Data for review:
- Opening Delimiter -
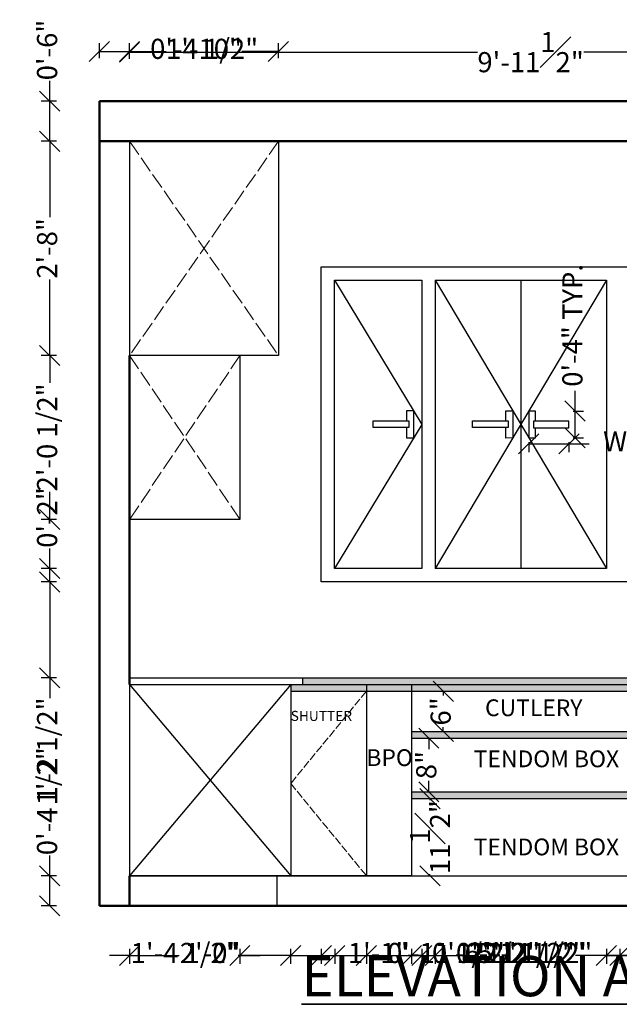
# Model space of a CAD drawing. Units: inches. Extents: x 2164 to 2316, y 625 to 771.
# Tile 1 of 2: x 2164 to 2253, y 625 to 771. Entities that reach past the tile are written whole.
import ezdxf

# ---------------------------------------------------------------- set-up
doc = ezdxf.new("R2010")
doc.units = ezdxf.units.IN
doc.linetypes.add('ACAD_ISO02W100', pattern=[15, 12, -3])
for name, color, linetype, lineweight in [('A-ANNO-DIMS', 2, 'Continuous', 18), ('A-ANNO-TEXT', 7, 'Continuous', 18), ('A-ANNO-TTLB', 7, 'Continuous', 35), ('A-FURN', 30, 'Continuous', 25), ('A-FURN-OPEN', 8, 'ACAD_ISO02W100', 13), ('A-FURN-PATT', 8, 'Continuous', 13), ('A-GLAZ', 4, 'Continuous', 25), ('A-WALL', 7, 'Continuous', 50)]:
    doc.layers.add(name, color=color, linetype=linetype, lineweight=lineweight)
doc.styles.get("Standard").update_dxf_attribs({"font": 'arial.ttf'})
doc.dimstyles.new('ISO-25', dxfattribs={"dimtxt": 3, "dimasz": 3, "dimexe": 1.25, "dimexo": 0.625, "dimtad": 0, "dimdec": 5, "dimlunit": 4, "dimtxsty": 'Standard', "dimblk": 'OBLIQUE', "dimcen": 2.5, "dimclrt": 1, "dimadec": 0, "dimazin": 0, "dimtfac": 1, "dimtdec": 5, "dimtmove": 0, "dimatfit": 3, "dimldrblk": 'OBLIQUE', "dimfxl": 1, "dimfxlon": 1, "dimfrac": 1, "dimarcsym": 0})

# ---------------------------------------------------------------- blocks, each defined once
blk = doc.blocks.new('_Oblique')
at = {"color": 0, "linetype": 'ByBlock', "lineweight": -2}
blk.add_line((-0.5, -0.5), (0.5, 0.5), dxfattribs=at)
blk = doc.blocks.new('*D1')
at = {"layer": 'A-ANNO-DIMS', "color": 0, "lineweight": -2, "transparency": 16777216}
for p, q in [((2226.19, 671.25), (2228.44, 671.25)), ((2227.19, 671.25), (2227.19, 670.61)), ((2226.19, 665.25), (2228.44, 665.25)), ((2227.19, 665.25), (2227.19, 665.9))]:
    blk.add_line(p, q, dxfattribs=at)
at = {"layer": 'Defpoints', "color": 0, "transparency": 16777216}
for p in [(2222.45, 671.25), (2222.45, 665.25), (2227.19, 665.25)]:
    blk.add_point(p, dxfattribs=at)
at = {"layer": 'A-ANNO-DIMS', "color": 0, "lineweight": -2, "transparency": 16777216, "xscale": 3, "yscale": 3, "zscale": 3}
for p, rotation in [((2227.19, 671.25), 90), ((2227.19, 665.25), 270)]:
    blk.add_blockref('_Oblique', p, dxfattribs=dict(at, rotation=rotation))
at = {"layer": 'A-ANNO-DIMS', "color": 0, "transparency": 16777216, "insert": (2227.19, 668.25), "char_height": 3, "attachment_point": 5, "rotation": 90}
blk.add_mtext('6"', dxfattribs=at)
blk = doc.blocks.new('*D2')
at = {"layer": 'A-ANNO-DIMS', "color": 0, "lineweight": -2, "transparency": 16777216}
for p, q in [((2224.04, 664.25), (2226.29, 664.25)), ((2225.04, 664.25), (2225.04, 662.6)), ((2225.04, 656.25), (2225.04, 657.9)), ((2224.04, 656.25), (2226.29, 656.25))]:
    blk.add_line(p, q, dxfattribs=at)
at = {"layer": 'Defpoints', "color": 0, "transparency": 16777216}
for p in [(2222.45, 664.25), (2222.45, 656.25), (2225.04, 656.25)]:
    blk.add_point(p, dxfattribs=at)
at = {"layer": 'A-ANNO-DIMS', "color": 0, "lineweight": -2, "transparency": 16777216, "xscale": 3, "yscale": 3, "zscale": 3}
for p, rotation in [((2225.04, 664.25), 90), ((2225.04, 656.25), 270)]:
    blk.add_blockref('_Oblique', p, dxfattribs=dict(at, rotation=rotation))
at = {"layer": 'A-ANNO-DIMS', "color": 0, "transparency": 16777216, "insert": (2225.04, 660.25), "char_height": 3, "attachment_point": 5, "rotation": 90}
blk.add_mtext('8"', dxfattribs=at)
blk = doc.blocks.new('*D3')
at = {"layer": 'A-ANNO-DIMS', "color": 0, "lineweight": -2, "transparency": 16777216}
for p, q in [((2224.21, 655.25), (2226.46, 655.25)), ((2225.21, 655.25), (2225.21, 655.02)), ((2224.21, 643.75), (2226.46, 643.75)), ((2225.21, 643.75), (2225.21, 643.98))]:
    blk.add_line(p, q, dxfattribs=at)
at = {"layer": 'Defpoints', "color": 0, "transparency": 16777216}
for p in [(2222.45, 655.25), (2222.45, 643.75), (2225.21, 643.75)]:
    blk.add_point(p, dxfattribs=at)
at = {"layer": 'A-ANNO-DIMS', "color": 0, "lineweight": -2, "transparency": 16777216, "xscale": 3, "yscale": 3, "zscale": 3}
for p, rotation in [((2225.21, 655.25), 90), ((2225.21, 643.75), 270)]:
    blk.add_blockref('_Oblique', p, dxfattribs=dict(at, rotation=rotation))
at = {"layer": 'A-ANNO-DIMS', "color": 0, "transparency": 16777216, "insert": (2225.21, 649.5), "char_height": 3, "attachment_point": 5, "rotation": 90}
blk.add_mtext('11{\\H1x;\\S1#2;}"', dxfattribs=at)
blk = doc.blocks.new('*D4')
at = {"layer": 'A-ANNO-DIMS', "color": 0, "lineweight": -2, "transparency": 16777216}
for p, q in [((2180.45, 765.55), (2180.45, 767.8)), ((2299.95, 765.55), (2299.95, 767.8)), ((2180.45, 766.55), (2232.28, 766.55)), ((2299.95, 766.55), (2248.13, 766.55))]:
    blk.add_line(p, q, dxfattribs=at)
at = {"layer": 'Defpoints', "color": 0, "transparency": 16777216}
for p in [(2299.95, 766.55), (2180.45, 759.25), (2299.95, 759.25)]:
    blk.add_point(p, dxfattribs=at)
at = {"layer": 'A-ANNO-DIMS', "color": 0, "lineweight": -2, "transparency": 16777216, "xscale": 3, "yscale": 3, "zscale": 3, "rotation": 180}
blk.add_blockref('_Oblique', (2180.45, 766.55), dxfattribs=at)
at = {"layer": 'A-ANNO-DIMS', "color": 0, "lineweight": -2, "transparency": 16777216, "xscale": 3, "yscale": 3, "zscale": 3}
blk.add_blockref('_Oblique', (2299.95, 766.55), dxfattribs=at)
at = {"layer": 'A-ANNO-DIMS', "color": 0, "transparency": 16777216, "insert": (2240.2, 766.55), "char_height": 3, "attachment_point": 5}
blk.add_mtext('9\'-11{\\H1x;\\S1#2;}"', dxfattribs=at)
blk = doc.blocks.new('WIN-HANDLE')
blk.add_lwpolyline([(2239.92, 710.04), (2239.92, 709.04), (2240.92, 709.04), (2240.92, 710.54), (2245.92, 710.54), (2245.92, 711.54), (2240.92, 711.54), (2240.92, 713.04), (2239.92, 713.04), (2239.92, 711.04)], close=True)
blk.add_lwpolyline([(2240.92, 711.54), (2240.62, 711.54), (2240.62, 710.54), (2240.92, 710.54)])
blk = doc.blocks.new('*D8')
at = {"layer": 'A-ANNO-DIMS', "color": 0, "lineweight": -2, "transparency": 16777216}
for p, q in [((2239.92, 708.42), (2239.92, 706.89)), ((2239.92, 708.14), (2245.92, 708.14)), ((2245.92, 708.42), (2245.92, 706.89)), ((2245.92, 708.14), (2248.92, 708.14))]:
    blk.add_line(p, q, dxfattribs=at)
at = {"layer": 'Defpoints', "color": 0, "transparency": 16777216}
for p in [(2239.92, 709.04), (2245.92, 709.04), (2245.92, 708.14)]:
    blk.add_point(p, dxfattribs=at)
at = {"layer": 'A-ANNO-DIMS', "color": 0, "lineweight": -2, "transparency": 16777216, "xscale": 3, "yscale": 3, "zscale": 3, "rotation": 180}
blk.add_blockref('_Oblique', (2239.92, 708.14), dxfattribs=at)
at = {"layer": 'A-ANNO-DIMS', "color": 0, "lineweight": -2, "transparency": 16777216, "xscale": 3, "yscale": 3, "zscale": 3}
blk.add_blockref('_Oblique', (2245.92, 708.14), dxfattribs=at)
at = {"layer": 'A-ANNO-DIMS', "color": 1, "transparency": 16777216, "insert": (2277.61, 708.14), "char_height": 3, "attachment_point": 5}
blk.add_mtext('WINDOW HANDLE 0\'-6" TYP.', dxfattribs=at)
blk = doc.blocks.new('*D9')
at = {"layer": 'A-ANNO-DIMS', "color": 0, "lineweight": -2, "transparency": 16777216}
for p, q in [((2246.82, 713.04), (2246.82, 716.04)), ((2246.55, 713.04), (2248.07, 713.04)), ((2246.82, 709.04), (2246.82, 713.04)), ((2246.55, 709.04), (2248.07, 709.04))]:
    blk.add_line(p, q, dxfattribs=at)
at = {"layer": 'Defpoints', "color": 0, "transparency": 16777216}
for p in [(2245.92, 713.04), (2246.82, 713.04), (2245.92, 709.04)]:
    blk.add_point(p, dxfattribs=at)
at = {"layer": 'A-ANNO-DIMS', "color": 0, "lineweight": -2, "transparency": 16777216, "xscale": 3, "yscale": 3, "zscale": 3}
for p, rotation in [((2246.82, 713.04), 90), ((2246.82, 709.04), 270)]:
    blk.add_blockref('_Oblique', p, dxfattribs=dict(at, rotation=rotation))
at = {"layer": 'A-ANNO-DIMS', "color": 1, "transparency": 16777216, "insert": (2246.82, 725.81), "char_height": 3, "attachment_point": 5, "rotation": 90}
blk.add_mtext('0\'-4" TYP.', dxfattribs=at)
blk = doc.blocks.new('*D10')
at = {"layer": 'A-ANNO-DIMS', "color": 0, "lineweight": -2, "transparency": 16777216}
for p, q in [((2180.45, 765.65), (2180.45, 767.9)), ((2202.62, 765.65), (2202.62, 767.9)), ((2180.45, 766.65), (2185.9, 766.65)), ((2202.62, 766.65), (2197.17, 766.65))]:
    blk.add_line(p, q, dxfattribs=at)
at = {"layer": 'Defpoints', "color": 0, "transparency": 16777216}
for p in [(2202.62, 766.65), (2180.45, 753.25), (2202.62, 753.25)]:
    blk.add_point(p, dxfattribs=at)
at = {"layer": 'A-ANNO-DIMS', "color": 0, "lineweight": -2, "transparency": 16777216, "xscale": 3, "yscale": 3, "zscale": 3, "rotation": 180}
blk.add_blockref('_Oblique', (2180.45, 766.65), dxfattribs=at)
at = {"layer": 'A-ANNO-DIMS', "color": 0, "lineweight": -2, "transparency": 16777216, "xscale": 3, "yscale": 3, "zscale": 3}
blk.add_blockref('_Oblique', (2202.62, 766.65), dxfattribs=at)
at = {"layer": 'A-ANNO-DIMS', "color": 1, "transparency": 16777216, "insert": (2191.54, 766.65), "char_height": 3, "attachment_point": 5}
blk.add_mtext('1\'-10"', dxfattribs=at)
blk = doc.blocks.new('*D12')
at = {"layer": 'A-ANNO-DIMS', "color": 0, "lineweight": -2, "transparency": 16777216}
for p, q in [((2169.55, 753.25), (2167.3, 753.25)), ((2168.55, 753.25), (2168.55, 741.93)), ((2168.55, 721.33), (2168.55, 732.65)), ((2169.55, 721.33), (2167.3, 721.33))]:
    blk.add_line(p, q, dxfattribs=at)
at = {"layer": 'Defpoints', "color": 0, "transparency": 16777216}
for p in [(2180.45, 753.25), (2168.55, 721.33), (2180.45, 721.33)]:
    blk.add_point(p, dxfattribs=at)
at = {"layer": 'A-ANNO-DIMS', "color": 0, "lineweight": -2, "transparency": 16777216, "xscale": 3, "yscale": 3, "zscale": 3}
for p, rotation in [((2168.55, 753.25), 90), ((2168.55, 721.33), 270)]:
    blk.add_blockref('_Oblique', p, dxfattribs=dict(at, rotation=rotation))
at = {"layer": 'A-ANNO-DIMS', "color": 1, "transparency": 16777216, "insert": (2168.55, 737.29), "char_height": 3, "attachment_point": 5, "rotation": 90}
blk.add_mtext('2\'-8"', dxfattribs=at)
blk = doc.blocks.new('*D13')
at = {"layer": 'A-ANNO-DIMS', "color": 0, "lineweight": -2, "transparency": 16777216}
for p, q in [((2169.55, 721.33), (2167.3, 721.33)), ((2168.55, 721.33), (2168.55, 717.24)), ((2168.55, 696.88), (2168.55, 700.97)), ((2169.55, 696.88), (2167.3, 696.88))]:
    blk.add_line(p, q, dxfattribs=at)
at = {"layer": 'Defpoints', "color": 0, "transparency": 16777216}
for p in [(2180.45, 721.33), (2168.55, 696.88), (2180.45, 696.88)]:
    blk.add_point(p, dxfattribs=at)
at = {"layer": 'A-ANNO-DIMS', "color": 0, "lineweight": -2, "transparency": 16777216, "xscale": 3, "yscale": 3, "zscale": 3}
for p, rotation in [((2168.55, 721.33), 90), ((2168.55, 696.88), 270)]:
    blk.add_blockref('_Oblique', p, dxfattribs=dict(at, rotation=rotation))
at = {"layer": 'A-ANNO-DIMS', "color": 1, "transparency": 16777216, "insert": (2168.55, 709.11), "char_height": 3, "attachment_point": 5, "rotation": 90}
blk.add_mtext('2\'-0 1/2"', dxfattribs=at)
blk = doc.blocks.new('*D14')
at = {"layer": 'A-ANNO-DIMS', "color": 0, "lineweight": -2, "transparency": 16777216}
for p, q in [((2180.45, 632.85), (2180.45, 630.6)), ((2196.89, 632.85), (2196.89, 630.6)), ((2180.45, 631.85), (2177.45, 631.85)), ((2180.45, 631.85), (2180.71, 631.85)), ((2196.89, 631.85), (2196.64, 631.85)), ((2196.89, 631.85), (2199.89, 631.85))]:
    blk.add_line(p, q, dxfattribs=at)
at = {"layer": 'Defpoints', "color": 0, "transparency": 16777216}
for p in [(2180.45, 696.88), (2196.89, 696.88), (2196.89, 631.85)]:
    blk.add_point(p, dxfattribs=at)
at = {"layer": 'A-ANNO-DIMS', "color": 0, "lineweight": -2, "transparency": 16777216, "xscale": 3, "yscale": 3, "zscale": 3}
blk.add_blockref('_Oblique', (2180.45, 631.85), dxfattribs=at)
at = {"layer": 'A-ANNO-DIMS', "color": 0, "lineweight": -2, "transparency": 16777216, "xscale": 3, "yscale": 3, "zscale": 3, "rotation": 180}
blk.add_blockref('_Oblique', (2196.89, 631.85), dxfattribs=at)
at = {"layer": 'A-ANNO-DIMS', "color": 1, "transparency": 16777216, "insert": (2188.67, 631.85), "char_height": 3, "attachment_point": 5}
blk.add_mtext('1\'-4 1/2"', dxfattribs=at)
blk = doc.blocks.new('*D17')
at = {"layer": 'A-ANNO-DIMS', "color": 0, "lineweight": -2, "transparency": 16777216}
for p, q in [((2211.01, 632.85), (2211.01, 630.6)), ((2223.98, 632.85), (2223.98, 630.6)), ((2211.01, 631.85), (2213.02, 631.85)), ((2223.98, 631.85), (2221.96, 631.85))]:
    blk.add_line(p, q, dxfattribs=at)
at = {"layer": 'Defpoints', "color": 0, "transparency": 16777216}
for p in [(2211.01, 689.55), (2223.98, 689.55), (2223.98, 631.85)]:
    blk.add_point(p, dxfattribs=at)
at = {"layer": 'A-ANNO-DIMS', "color": 0, "lineweight": -2, "transparency": 16777216, "xscale": 3, "yscale": 3, "zscale": 3, "rotation": 180}
blk.add_blockref('_Oblique', (2211.01, 631.85), dxfattribs=at)
at = {"layer": 'A-ANNO-DIMS', "color": 0, "lineweight": -2, "transparency": 16777216, "xscale": 3, "yscale": 3, "zscale": 3}
blk.add_blockref('_Oblique', (2223.98, 631.85), dxfattribs=at)
at = {"layer": 'A-ANNO-DIMS', "color": 1, "transparency": 16777216, "insert": (2217.49, 631.85), "char_height": 3, "attachment_point": 5}
blk.add_mtext('1\'-1"', dxfattribs=at)
blk = doc.blocks.new('*D18')
at = {"layer": 'A-ANNO-DIMS', "color": 0, "lineweight": -2, "transparency": 16777216}
for p, q in [((2223.98, 632.85), (2223.98, 630.6)), ((2225.98, 632.85), (2225.98, 630.6)), ((2223.98, 631.85), (2225.98, 631.85)), ((2225.98, 631.85), (2228.98, 631.85))]:
    blk.add_line(p, q, dxfattribs=at)
at = {"layer": 'Defpoints', "color": 0, "transparency": 16777216}
for p in [(2223.98, 689.55), (2225.98, 689.55), (2225.98, 631.85)]:
    blk.add_point(p, dxfattribs=at)
at = {"layer": 'A-ANNO-DIMS', "color": 0, "lineweight": -2, "transparency": 16777216, "xscale": 3, "yscale": 3, "zscale": 3, "rotation": 180}
blk.add_blockref('_Oblique', (2223.98, 631.85), dxfattribs=at)
at = {"layer": 'A-ANNO-DIMS', "color": 0, "lineweight": -2, "transparency": 16777216, "xscale": 3, "yscale": 3, "zscale": 3}
blk.add_blockref('_Oblique', (2225.98, 631.85), dxfattribs=at)
at = {"layer": 'A-ANNO-DIMS', "color": 1, "transparency": 16777216, "insert": (2233.59, 631.85), "char_height": 3, "attachment_point": 5}
blk.add_mtext('0\'-2"', dxfattribs=at)
blk = doc.blocks.new('*D19')
at = {"layer": 'A-ANNO-DIMS', "color": 0, "lineweight": -2, "transparency": 16777216}
for p, q in [((2225.98, 632.85), (2225.98, 630.6)), ((2251.49, 632.85), (2251.49, 630.6)), ((2225.98, 631.85), (2230.6, 631.85)), ((2251.49, 631.85), (2246.87, 631.85))]:
    blk.add_line(p, q, dxfattribs=at)
at = {"layer": 'Defpoints', "color": 0, "transparency": 16777216}
for p in [(2225.98, 689.55), (2251.49, 689.55), (2251.49, 631.85)]:
    blk.add_point(p, dxfattribs=at)
at = {"layer": 'A-ANNO-DIMS', "color": 0, "lineweight": -2, "transparency": 16777216, "xscale": 3, "yscale": 3, "zscale": 3, "rotation": 180}
blk.add_blockref('_Oblique', (2225.98, 631.85), dxfattribs=at)
at = {"layer": 'A-ANNO-DIMS', "color": 0, "lineweight": -2, "transparency": 16777216, "xscale": 3, "yscale": 3, "zscale": 3}
blk.add_blockref('_Oblique', (2251.49, 631.85), dxfattribs=at)
at = {"layer": 'A-ANNO-DIMS', "color": 1, "transparency": 16777216, "insert": (2238.74, 631.85), "char_height": 3, "attachment_point": 5}
blk.add_mtext('2\'-1 1/2"', dxfattribs=at)
blk = doc.blocks.new('*D20')
at = {"layer": 'A-ANNO-DIMS', "color": 0, "lineweight": -2, "transparency": 16777216}
for p, q in [((2251.49, 632.85), (2251.49, 630.6)), ((2253.49, 632.85), (2253.49, 630.6)), ((2251.49, 631.85), (2253.49, 631.85)), ((2253.49, 631.85), (2256.49, 631.85))]:
    blk.add_line(p, q, dxfattribs=at)
at = {"layer": 'Defpoints', "color": 0, "transparency": 16777216}
for p in [(2251.49, 689.55), (2253.49, 689.55), (2253.49, 631.85)]:
    blk.add_point(p, dxfattribs=at)
at = {"layer": 'A-ANNO-DIMS', "color": 0, "lineweight": -2, "transparency": 16777216, "xscale": 3, "yscale": 3, "zscale": 3, "rotation": 180}
blk.add_blockref('_Oblique', (2251.49, 631.85), dxfattribs=at)
at = {"layer": 'A-ANNO-DIMS', "color": 0, "lineweight": -2, "transparency": 16777216, "xscale": 3, "yscale": 3, "zscale": 3}
blk.add_blockref('_Oblique', (2253.49, 631.85), dxfattribs=at)
at = {"layer": 'A-ANNO-DIMS', "color": 1, "transparency": 16777216, "insert": (2261.11, 631.85), "char_height": 3, "attachment_point": 5}
blk.add_mtext('0\'-2"', dxfattribs=at)
blk = doc.blocks.new('*D21')
at = {"layer": 'A-ANNO-DIMS', "color": 0, "lineweight": -2, "transparency": 16777216}
for p, q in [((2253.49, 632.85), (2253.49, 630.6)), ((2269.66, 632.85), (2269.66, 630.6)), ((2253.49, 631.85), (2257.11, 631.85)), ((2269.66, 631.85), (2266.05, 631.85))]:
    blk.add_line(p, q, dxfattribs=at)
at = {"layer": 'Defpoints', "color": 0, "transparency": 16777216}
for p in [(2253.49, 689.55), (2269.66, 689.55), (2269.66, 631.85)]:
    blk.add_point(p, dxfattribs=at)
at = {"layer": 'A-ANNO-DIMS', "color": 0, "lineweight": -2, "transparency": 16777216, "xscale": 3, "yscale": 3, "zscale": 3, "rotation": 180}
blk.add_blockref('_Oblique', (2253.49, 631.85), dxfattribs=at)
at = {"layer": 'A-ANNO-DIMS', "color": 0, "lineweight": -2, "transparency": 16777216, "xscale": 3, "yscale": 3, "zscale": 3}
blk.add_blockref('_Oblique', (2269.66, 631.85), dxfattribs=at)
at = {"layer": 'A-ANNO-DIMS', "color": 1, "transparency": 16777216, "insert": (2261.58, 631.85), "char_height": 3, "attachment_point": 5}
blk.add_mtext('1\'-4"', dxfattribs=at)
blk = doc.blocks.new('*D23')
at = {"layer": 'A-ANNO-DIMS', "color": 0, "lineweight": -2, "transparency": 16777216}
for p, q in [((2209.01, 632.85), (2209.01, 630.6)), ((2271.66, 632.85), (2271.66, 630.6)), ((2209.01, 631.85), (2232.23, 631.85)), ((2271.66, 631.85), (2248.44, 631.85))]:
    blk.add_line(p, q, dxfattribs=at)
at = {"layer": 'Defpoints', "color": 0, "transparency": 16777216}
for p in [(2209.01, 687.55), (2271.66, 687.55), (2271.66, 631.85)]:
    blk.add_point(p, dxfattribs=at)
at = {"layer": 'A-ANNO-DIMS', "color": 0, "lineweight": -2, "transparency": 16777216, "xscale": 3, "yscale": 3, "zscale": 3, "rotation": 180}
blk.add_blockref('_Oblique', (2209.01, 631.85), dxfattribs=at)
at = {"layer": 'A-ANNO-DIMS', "color": 0, "lineweight": -2, "transparency": 16777216, "xscale": 3, "yscale": 3, "zscale": 3}
blk.add_blockref('_Oblique', (2271.66, 631.85), dxfattribs=at)
at = {"layer": 'A-ANNO-DIMS', "color": 1, "transparency": 16777216, "insert": (2240.33, 631.85), "char_height": 3, "attachment_point": 5}
blk.add_mtext('5\'-2 1/2"', dxfattribs=at)
blk = doc.blocks.new('*D25')
at = {"layer": 'A-ANNO-DIMS', "color": 0, "lineweight": -2, "transparency": 16777216}
for p, q in [((2168.55, 689.55), (2168.55, 692.55)), ((2169.55, 689.55), (2167.3, 689.55)), ((2168.55, 687.55), (2168.55, 689.55)), ((2169.55, 687.55), (2167.3, 687.55))]:
    blk.add_line(p, q, dxfattribs=at)
at = {"layer": 'Defpoints', "color": 0, "transparency": 16777216}
for p in [(2168.55, 689.55), (2211.01, 689.55), (2209.01, 687.55)]:
    blk.add_point(p, dxfattribs=at)
at = {"layer": 'A-ANNO-DIMS', "color": 0, "lineweight": -2, "transparency": 16777216, "xscale": 3, "yscale": 3, "zscale": 3}
for p, rotation in [((2168.55, 689.55), 90), ((2168.55, 687.55), 270)]:
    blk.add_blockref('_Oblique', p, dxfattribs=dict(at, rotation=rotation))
- Closing Delimiter -
Problem to solve: The entries above hold the needed span. Transcribe exactly the lines from the one with "each defined once" to the one with "blk = doc.blocks.new('*D2')", both included.

Solution:
# ---------------------------------------------------------------- blocks, each defined once
blk = doc.blocks.new('_Oblique')
at = {"color": 0, "linetype": 'ByBlock', "lineweight": -2}
blk.add_line((-0.5, -0.5), (0.5, 0.5), dxfattribs=at)
blk = doc.blocks.new('*D1')
at = {"layer": 'A-ANNO-DIMS', "color": 0, "lineweight": -2, "transparency": 16777216}
for p, q in [((2226.19, 671.25), (2228.44, 671.25)), ((2227.19, 671.25), (2227.19, 670.61)), ((2226.19, 665.25), (2228.44, 665.25)), ((2227.19, 665.25), (2227.19, 665.9))]:
    blk.add_line(p, q, dxfattribs=at)
at = {"layer": 'Defpoints', "color": 0, "transparency": 16777216}
for p in [(2222.45, 671.25), (2222.45, 665.25), (2227.19, 665.25)]:
    blk.add_point(p, dxfattribs=at)
at = {"layer": 'A-ANNO-DIMS', "color": 0, "lineweight": -2, "transparency": 16777216, "xscale": 3, "yscale": 3, "zscale": 3}
for p, rotation in [((2227.19, 671.25), 90), ((2227.19, 665.25), 270)]:
    blk.add_blockref('_Oblique', p, dxfattribs=dict(at, rotation=rotation))
at = {"layer": 'A-ANNO-DIMS', "color": 0, "transparency": 16777216, "insert": (2227.19, 668.25), "char_height": 3, "attachment_point": 5, "rotation": 90}
blk.add_mtext('6"', dxfattribs=at)
blk = doc.blocks.new('*D2')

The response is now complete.